Return every line from the records below that has the word "radius".

[Records from a data collection]
****************

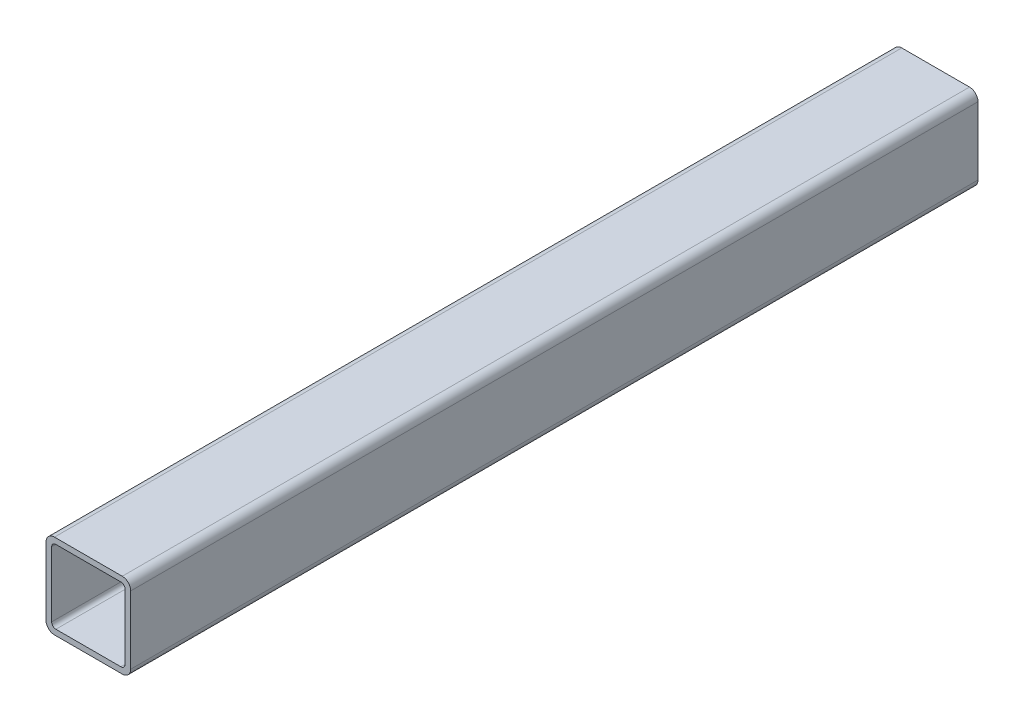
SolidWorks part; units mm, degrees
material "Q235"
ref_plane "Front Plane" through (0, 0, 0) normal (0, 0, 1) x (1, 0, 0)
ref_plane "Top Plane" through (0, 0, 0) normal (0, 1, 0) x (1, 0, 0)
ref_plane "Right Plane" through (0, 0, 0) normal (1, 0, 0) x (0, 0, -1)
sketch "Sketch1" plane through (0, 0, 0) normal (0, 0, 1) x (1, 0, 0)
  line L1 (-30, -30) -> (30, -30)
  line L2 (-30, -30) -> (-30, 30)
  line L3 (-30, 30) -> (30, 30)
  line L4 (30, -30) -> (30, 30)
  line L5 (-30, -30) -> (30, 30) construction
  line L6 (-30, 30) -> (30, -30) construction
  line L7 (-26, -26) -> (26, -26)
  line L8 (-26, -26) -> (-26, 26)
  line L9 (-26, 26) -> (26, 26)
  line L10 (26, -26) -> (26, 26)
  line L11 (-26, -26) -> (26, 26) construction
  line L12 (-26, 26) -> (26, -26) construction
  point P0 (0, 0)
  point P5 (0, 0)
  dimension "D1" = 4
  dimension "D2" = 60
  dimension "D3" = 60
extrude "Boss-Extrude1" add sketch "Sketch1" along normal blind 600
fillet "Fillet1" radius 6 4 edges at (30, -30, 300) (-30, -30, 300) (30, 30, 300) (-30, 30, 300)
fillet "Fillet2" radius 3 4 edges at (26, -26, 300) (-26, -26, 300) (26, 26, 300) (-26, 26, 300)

****************

# Exercise response
fillet "Fillet1" radius 6 4 edges at (30, -30, 300) (-30, -30, 300) (30, 30, 300) (-30, 30, 300)
fillet "Fillet2" radius 3 4 edges at (26, -26, 300) (-26, -26, 300) (26, 26, 300) (-26, 26, 300)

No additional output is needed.